### WHAT IS EXPECTED
Nothing but the pictures should go missing; return all the entries below exactly.
══════════
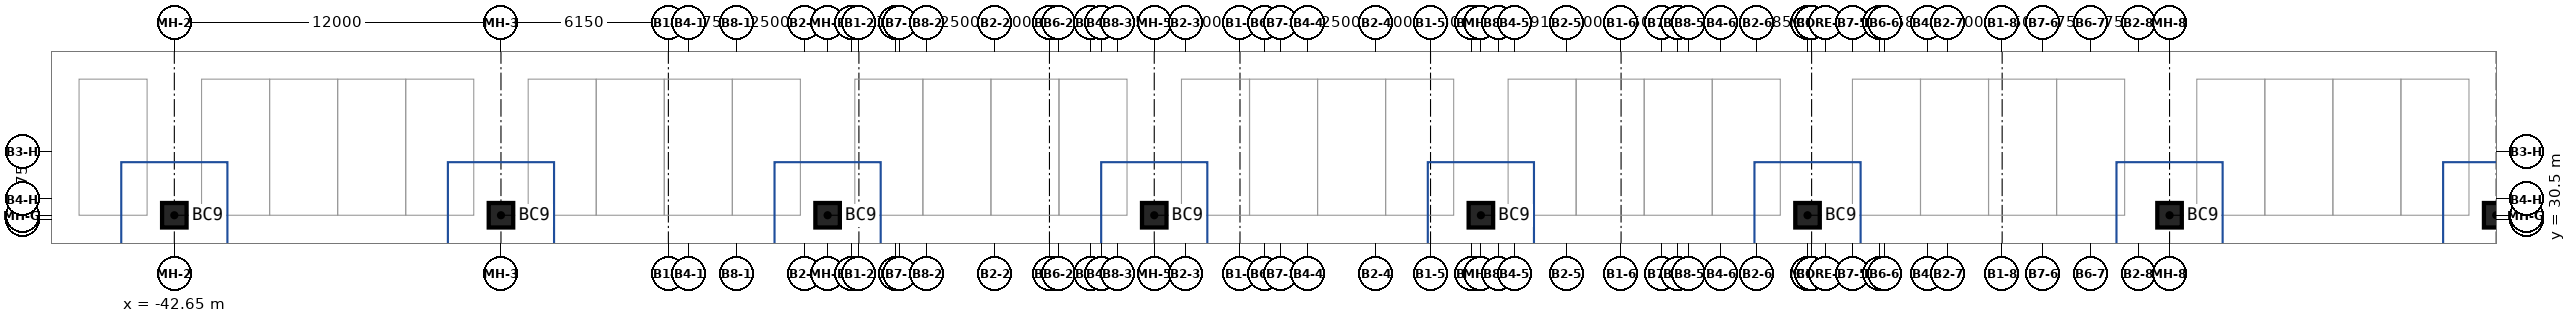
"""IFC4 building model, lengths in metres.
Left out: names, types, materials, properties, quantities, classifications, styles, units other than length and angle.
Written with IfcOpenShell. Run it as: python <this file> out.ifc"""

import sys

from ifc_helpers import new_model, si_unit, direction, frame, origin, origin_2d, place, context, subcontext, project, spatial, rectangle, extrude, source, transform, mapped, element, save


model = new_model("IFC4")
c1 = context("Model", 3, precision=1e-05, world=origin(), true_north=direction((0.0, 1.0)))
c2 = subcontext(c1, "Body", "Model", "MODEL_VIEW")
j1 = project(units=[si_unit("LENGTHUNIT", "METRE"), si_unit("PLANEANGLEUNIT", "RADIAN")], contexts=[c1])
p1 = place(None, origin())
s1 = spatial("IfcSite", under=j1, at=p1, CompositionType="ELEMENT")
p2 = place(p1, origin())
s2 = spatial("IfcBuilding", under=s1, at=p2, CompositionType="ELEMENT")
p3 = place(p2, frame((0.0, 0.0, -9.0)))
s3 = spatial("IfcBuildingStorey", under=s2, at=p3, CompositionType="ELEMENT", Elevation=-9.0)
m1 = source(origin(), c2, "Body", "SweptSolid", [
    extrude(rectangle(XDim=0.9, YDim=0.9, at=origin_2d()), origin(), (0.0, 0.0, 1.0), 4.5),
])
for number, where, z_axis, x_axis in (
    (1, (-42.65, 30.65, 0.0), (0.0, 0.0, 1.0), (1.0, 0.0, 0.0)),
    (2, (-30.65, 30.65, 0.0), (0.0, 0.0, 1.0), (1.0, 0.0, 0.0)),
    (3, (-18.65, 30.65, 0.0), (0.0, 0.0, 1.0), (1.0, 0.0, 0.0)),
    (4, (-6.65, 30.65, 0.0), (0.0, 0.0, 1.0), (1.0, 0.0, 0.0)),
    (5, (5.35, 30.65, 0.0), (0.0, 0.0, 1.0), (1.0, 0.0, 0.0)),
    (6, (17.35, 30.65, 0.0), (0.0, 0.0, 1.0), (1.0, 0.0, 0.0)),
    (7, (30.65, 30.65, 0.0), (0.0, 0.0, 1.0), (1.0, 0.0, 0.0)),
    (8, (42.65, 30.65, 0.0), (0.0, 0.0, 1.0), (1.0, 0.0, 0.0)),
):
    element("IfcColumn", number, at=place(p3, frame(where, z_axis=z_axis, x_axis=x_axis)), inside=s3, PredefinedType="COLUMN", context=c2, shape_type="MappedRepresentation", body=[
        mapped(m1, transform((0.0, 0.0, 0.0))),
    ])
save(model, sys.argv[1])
══════════
### TASK SOLUTION
"""IFC4 building model, lengths in metres.
Left out: names, types, materials, properties, quantities, classifications, styles, units other than length and angle.
Written with IfcOpenShell. Run it as: python <this file> out.ifc"""

import sys

from ifc_helpers import new_model, si_unit, direction, frame, origin, origin_2d, place, context, subcontext, project, spatial, rectangle, extrude, source, transform, mapped, element, save


model = new_model("IFC4")
c1 = context("Model", 3, precision=1e-05, world=origin(), true_north=direction((0.0, 1.0)))
c2 = subcontext(c1, "Body", "Model", "MODEL_VIEW")
j1 = project(units=[si_unit("LENGTHUNIT", "METRE"), si_unit("PLANEANGLEUNIT", "RADIAN")], contexts=[c1])
p1 = place(None, origin())
s1 = spatial("IfcSite", under=j1, at=p1, CompositionType="ELEMENT")
p2 = place(p1, origin())
s2 = spatial("IfcBuilding", under=s1, at=p2, CompositionType="ELEMENT")
p3 = place(p2, frame((0.0, 0.0, -9.0)))
s3 = spatial("IfcBuildingStorey", under=s2, at=p3, CompositionType="ELEMENT", Elevation=-9.0)
m1 = source(origin(), c2, "Body", "SweptSolid", [
    extrude(rectangle(XDim=0.9, YDim=0.9, at=origin_2d()), origin(), (0.0, 0.0, 1.0), 4.5),
])
for number, where, z_axis, x_axis in (
    (1, (-42.65, 30.65, 0.0), (0.0, 0.0, 1.0), (1.0, 0.0, 0.0)),
    (2, (-30.65, 30.65, 0.0), (0.0, 0.0, 1.0), (1.0, 0.0, 0.0)),
    (3, (-18.65, 30.65, 0.0), (0.0, 0.0, 1.0), (1.0, 0.0, 0.0)),
    (4, (-6.65, 30.65, 0.0), (0.0, 0.0, 1.0), (1.0, 0.0, 0.0)),
    (5, (5.35, 30.65, 0.0), (0.0, 0.0, 1.0), (1.0, 0.0, 0.0)),
    (6, (17.35, 30.65, 0.0), (0.0, 0.0, 1.0), (1.0, 0.0, 0.0)),
    (7, (30.65, 30.65, 0.0), (0.0, 0.0, 1.0), (1.0, 0.0, 0.0)),
    (8, (42.65, 30.65, 0.0), (0.0, 0.0, 1.0), (1.0, 0.0, 0.0)),
):
    element("IfcColumn", number, at=place(p3, frame(where, z_axis=z_axis, x_axis=x_axis)), inside=s3, PredefinedType="COLUMN", context=c2, shape_type="MappedRepresentation", body=[
        mapped(m1, transform((0.0, 0.0, 0.0))),
    ])
save(model, sys.argv[1])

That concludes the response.